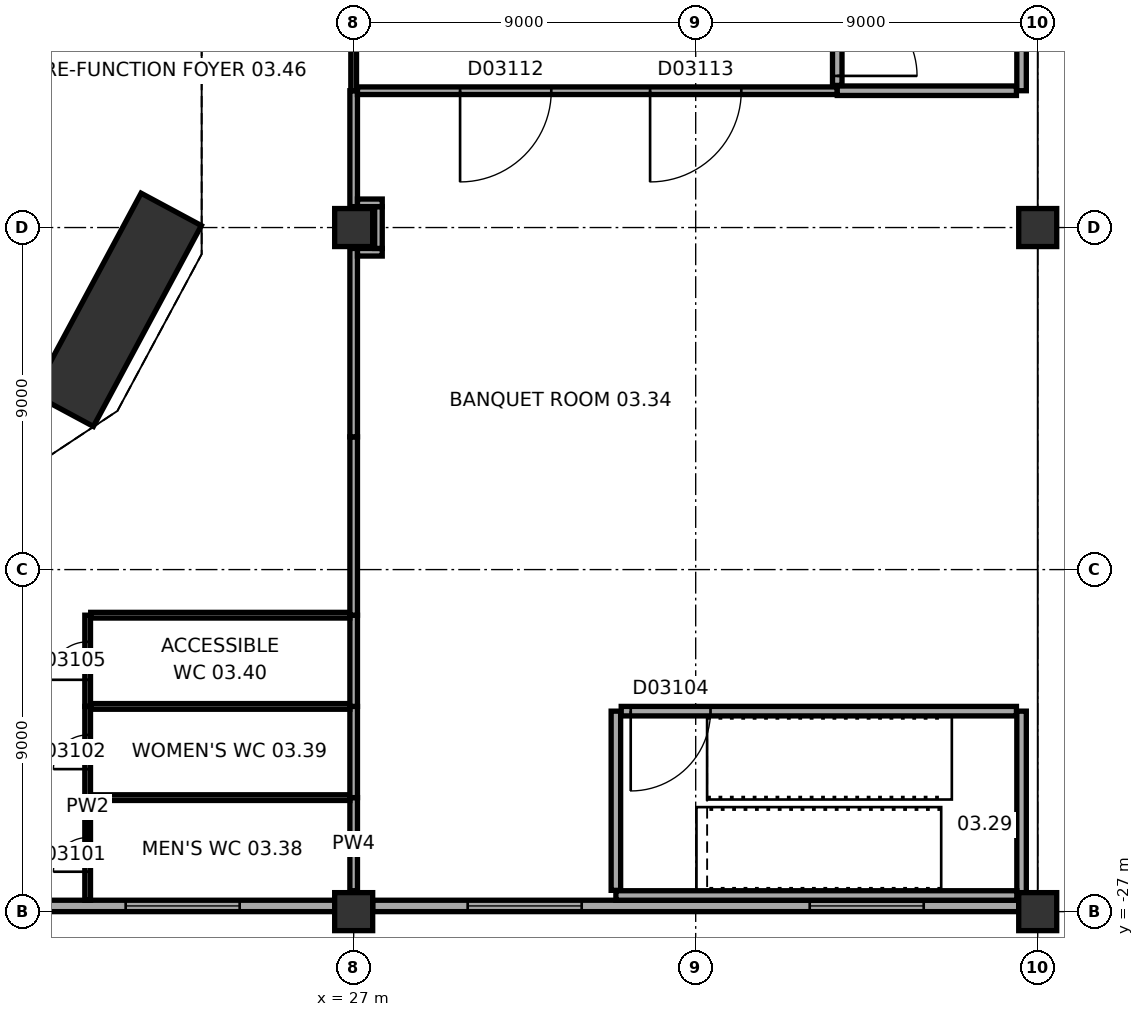
"""IFC4 building model, lengths in metres.
Left out: names, types, materials, properties, quantities, classifications, styles, units other than length and angle.
Written with IfcOpenShell. Run it as: python <this file> out.ifc"""

import sys

from ifc_helpers import new_model, si_unit, direction, frame, frame_2d, origin, origin_2d, place, context, subcontext, project, spatial, rectangle, extrude, element, fill, save


model = new_model("IFC4")
c1 = context("Model", 3, precision=1e-05, world=origin(), true_north=direction((0.0, 1.0)))
c2 = subcontext(c1, "Body", "Model", "MODEL_VIEW")
j1 = project(units=[si_unit("LENGTHUNIT", "METRE"), si_unit("PLANEANGLEUNIT", "RADIAN")], contexts=[c1])
p1 = place(None, origin())
s1 = spatial("IfcSite", under=j1, at=p1, CompositionType="ELEMENT")
p2 = place(p1, origin())
s2 = spatial("IfcBuilding", under=s1, at=p2, CompositionType="ELEMENT")
p3 = place(p2, frame((0.0, 0.0, 21.0)))
s3 = spatial("IfcBuildingStorey", under=s2, at=p3, CompositionType="ELEMENT", Elevation=21.0)
p4 = place(p3, frame((20.779, -11.165, 0.0), z_axis=(0.0, 0.0, 1.0), x_axis=(0.473322742071, 0.880889086003, 0.0)))
e1 = element("IfcColumn", 1, at=p4, inside=s3, PredefinedType="COLUMN", context=c2, shape_type="SweptSolid", body=[
    extrude(rectangle(XDim=6.0, YDim=1.8, at=origin_2d()), origin(), (0.0, 0.0, 1.0), 8.0),
])
for number, where, z_axis, x_axis in (
    (2, (27.0, -27.0, 0.0), (0.0, 0.0, 1.0), (1.0, 0.0, 0.0)),
    (3, (27.0, -9.0, 0.0), (0.0, 0.0, 1.0), (1.0, 0.0, 0.0)),
    (4, (45.0, -27.0, 0.0), (0.0, 0.0, 1.0), (1.0, 0.0, 0.0)),
    (5, (45.0, -9.0, 0.0), (0.0, 0.0, 1.0), (1.0, 0.0, 0.0)),
):
    element("IfcColumn", number, at=place(p3, frame(where, z_axis=z_axis, x_axis=x_axis)), inside=s3, PredefinedType="COLUMN", context=c2, shape_type="SweptSolid", body=[
        extrude(rectangle(XDim=1.0, YDim=1.0, at=origin_2d()), origin(), (0.0, 0.0, 1.0), 8.0),
    ])
p5 = place(p3, frame((9.5, -26.85, 0.0), z_axis=(0.0, 0.0, 1.0), x_axis=(1.0, 0.0, 0.0)))
e6 = element("IfcWall", 6, at=p5, inside=s3, PredefinedType="STANDARD", context=c2, shape_type="SweptSolid", body=[
    extrude(rectangle(XDim=17.0, YDim=0.3, at=frame_2d((8.5, 0.0))), origin(), (0.0, 0.0, 1.0), 6.5),
])
p6 = place(p5, frame((2.5, 0.0, 1.0)))
e7 = element("IfcOpeningElement", 7, at=p6, cuts=e6, PredefinedType="OPENING", context=c2, shape_type="SweptSolid", body=[
    extrude(rectangle(XDim=3.0, YDim=4.0, at=frame_2d((1.5, 2.0))), frame((0.0, 0.16, 0.0), z_axis=(0.0, -1.0, 0.0), x_axis=(1.0, 0.0, 0.0)), (0.0, 0.0, 1.0), 0.32),
])
p7 = place(p5, frame((11.5, 0.0, 1.0)))
e8 = element("IfcOpeningElement", 8, at=p7, cuts=e6, PredefinedType="OPENING", context=c2, shape_type="SweptSolid", body=[
    extrude(rectangle(XDim=3.0, YDim=4.0, at=frame_2d((1.5, 2.0))), frame((0.0, 0.16, 0.0), z_axis=(0.0, -1.0, 0.0), x_axis=(1.0, 0.0, 0.0)), (0.0, 0.0, 1.0), 0.32),
])
p8 = place(p3, frame((27.5, -26.85, 0.0), z_axis=(0.0, 0.0, 1.0), x_axis=(1.0, 0.0, 0.0)))
e9 = element("IfcWall", 9, at=p8, inside=s3, PredefinedType="STANDARD", context=c2, shape_type="SweptSolid", body=[
    extrude(rectangle(XDim=17.0, YDim=0.3, at=frame_2d((8.5, 0.0))), origin(), (0.0, 0.0, 1.0), 6.5),
])
p9 = place(p8, frame((2.5, 0.0, 1.0)))
e10 = element("IfcOpeningElement", 10, at=p9, cuts=e9, PredefinedType="OPENING", context=c2, shape_type="SweptSolid", body=[
    extrude(rectangle(XDim=3.0, YDim=4.0, at=frame_2d((1.5, 2.0))), frame((0.0, 0.16, 0.0), z_axis=(0.0, -1.0, 0.0), x_axis=(1.0, 0.0, 0.0)), (0.0, 0.0, 1.0), 0.32),
])
p10 = place(p8, frame((11.5, 0.0, 1.0)))
e11 = element("IfcOpeningElement", 11, at=p10, cuts=e9, PredefinedType="OPENING", context=c2, shape_type="SweptSolid", body=[
    extrude(rectangle(XDim=3.0, YDim=4.0, at=frame_2d((1.5, 2.0))), frame((0.0, 0.16, 0.0), z_axis=(0.0, -1.0, 0.0), x_axis=(1.0, 0.0, 0.0)), (0.0, 0.0, 1.0), 0.32),
])
p11 = place(p3, frame((20.0, -26.7, 0.0), z_axis=(0.0, 0.0, 1.0), x_axis=(0.0, 1.0, 0.0)))
e12 = element("IfcWall", 12, at=p11, inside=s3, PredefinedType="PARTITIONING", context=c2, shape_type="SweptSolid", body=[
    extrude(rectangle(XDim=2.7, YDim=0.15, at=frame_2d((1.35, 0.0))), origin(), (0.0, 0.0, 1.0), 7.7),
])
p12 = place(p11, frame((0.75, 0.0, 0.0)))
e13 = element("IfcOpeningElement", 13, at=p12, cuts=e12, PredefinedType="OPENING", context=c2, shape_type="SweptSolid", body=[
    extrude(rectangle(XDim=0.9, YDim=2.1, at=frame_2d((0.45, 1.05))), frame((0.0, 0.085, 0.0), z_axis=(0.0, -1.0, 0.0), x_axis=(1.0, 0.0, 0.0)), (0.0, 0.0, 1.0), 0.17),
])
p13 = place(p3, frame((27.0, -26.45, 0.0), z_axis=(0.0, 0.0, 1.0), x_axis=(0.0, 1.0, 0.0)))
e14 = element("IfcWall", 14, at=p13, inside=s3, PredefinedType="PARTITIONING", context=c2, shape_type="SweptSolid", body=[
    extrude(rectangle(XDim=2.45, YDim=0.2, at=frame_2d((1.225, 0.0))), origin(), (0.0, 0.0, 1.0), 6.5),
])
p14 = place(p3, frame((33.9, -26.44, 0.0), z_axis=(0.0, 0.0, 1.0), x_axis=(0.0, 1.0, 0.0)))
e15 = element("IfcWall", 15, at=p14, inside=s3, PredefinedType="SOLIDWALL", context=c2, shape_type="SweptSolid", body=[
    extrude(rectangle(XDim=4.715, YDim=0.25, at=frame_2d((2.357, 0.0))), origin(), (0.0, 0.0, 1.0), 7.7),
])
p15 = place(p3, frame((20.0, -24.0, 0.0), z_axis=(0.0, 0.0, 1.0), x_axis=(0.0, 1.0, 0.0)))
e16 = element("IfcWall", 16, at=p15, inside=s3, PredefinedType="PARTITIONING", context=c2, shape_type="SweptSolid", body=[
    extrude(rectangle(XDim=2.4, YDim=0.15, at=frame_2d((1.2, 0.0))), origin(), (0.0, 0.0, 1.0), 7.7),
])
p16 = place(p15, frame((0.75, 0.0, 0.0)))
e17 = element("IfcOpeningElement", 17, at=p16, cuts=e16, PredefinedType="OPENING", context=c2, shape_type="SweptSolid", body=[
    extrude(rectangle(XDim=0.9, YDim=2.1, at=frame_2d((0.45, 1.05))), frame((0.0, 0.085, 0.0), z_axis=(0.0, -1.0, 0.0), x_axis=(1.0, 0.0, 0.0)), (0.0, 0.0, 1.0), 0.17),
])
p17 = place(p3, frame((20.08, -24.0, 0.0), z_axis=(0.0, 0.0, 1.0), x_axis=(1.0, 0.0, 0.0)))
e18 = element("IfcWall", 18, at=p17, inside=s3, PredefinedType="PARTITIONING", context=c2, shape_type="SweptSolid", body=[
    extrude(rectangle(XDim=6.82, YDim=0.15, at=frame_2d((3.41, 0.0))), origin(), (0.0, 0.0, 1.0), 7.7),
])
p18 = place(p3, frame((27.0, -24.0, 0.0), z_axis=(0.0, 0.0, 1.0), x_axis=(0.0, 1.0, 0.0)))
e19 = element("IfcWall", 19, at=p18, inside=s3, PredefinedType="PARTITIONING", context=c2, shape_type="SweptSolid", body=[
    extrude(rectangle(XDim=2.4, YDim=0.2, at=frame_2d((1.2, 0.0))), origin(), (0.0, 0.0, 1.0), 6.5),
])
p19 = place(p3, frame((34.04, -21.725, 0.0), z_axis=(0.0, 0.0, 1.0), x_axis=(1.0, 0.0, 0.0)))
e20 = element("IfcWall", 20, at=p19, inside=s3, PredefinedType="SOLIDWALL", context=c2, shape_type="SweptSolid", body=[
    extrude(rectangle(XDim=10.4, YDim=0.25, at=frame_2d((5.2, 0.0))), origin(), (0.0, 0.0, 1.0), 7.7),
])
p20 = place(p19, frame((0.25, 0.0, 0.0)))
e21 = element("IfcOpeningElement", 21, at=p20, cuts=e20, PredefinedType="OPENING", context=c2, shape_type="SweptSolid", body=[
    extrude(rectangle(XDim=2.1, YDim=2.4, at=frame_2d((1.05, 1.2))), frame((0.0, 0.135, 0.0), z_axis=(0.0, -1.0, 0.0), x_axis=(1.0, 0.0, 0.0)), (0.0, 0.0, 1.0), 0.27),
])
p21 = place(p3, frame((20.0, -21.6, 0.0), z_axis=(0.0, 0.0, 1.0), x_axis=(0.0, 1.0, 0.0)))
e22 = element("IfcWall", 22, at=p21, inside=s3, PredefinedType="PARTITIONING", context=c2, shape_type="SweptSolid", body=[
    extrude(rectangle(XDim=2.4, YDim=0.15, at=frame_2d((1.2, 0.0))), origin(), (0.0, 0.0, 1.0), 7.7),
])
p22 = place(p21, frame((0.7, 0.0, 0.0)))
e23 = element("IfcOpeningElement", 23, at=p22, cuts=e22, PredefinedType="OPENING", context=c2, shape_type="SweptSolid", body=[
    extrude(rectangle(XDim=1.0, YDim=2.1, at=frame_2d((0.5, 1.05))), frame((0.0, 0.085, 0.0), z_axis=(0.0, -1.0, 0.0), x_axis=(1.0, 0.0, 0.0)), (0.0, 0.0, 1.0), 0.17),
])
p23 = place(p3, frame((20.08, -21.6, 0.0), z_axis=(0.0, 0.0, 1.0), x_axis=(1.0, 0.0, 0.0)))
e24 = element("IfcWall", 24, at=p23, inside=s3, PredefinedType="PARTITIONING", context=c2, shape_type="SweptSolid", body=[
    extrude(rectangle(XDim=6.82, YDim=0.15, at=frame_2d((3.41, 0.0))), origin(), (0.0, 0.0, 1.0), 7.7),
])
p24 = place(p3, frame((27.0, -21.6, 0.0), z_axis=(0.0, 0.0, 1.0), x_axis=(0.0, 1.0, 0.0)))
e25 = element("IfcWall", 25, at=p24, inside=s3, PredefinedType="PARTITIONING", context=c2, shape_type="SweptSolid", body=[
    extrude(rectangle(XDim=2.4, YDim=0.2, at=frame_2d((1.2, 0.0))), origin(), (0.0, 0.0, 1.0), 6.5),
- - - - - - -
▶ _To do_:
Find all lines in the records that hold the word "direction". Copy them.

▶ _Solution_:
from ifc_helpers import new_model, si_unit, direction, frame, frame_2d, origin, origin_2d, place, context, subcontext, project, spatial, rectangle, extrude, element, fill, save
c1 = context("Model", 3, precision=1e-05, world=origin(), true_north=direction((0.0, 1.0)))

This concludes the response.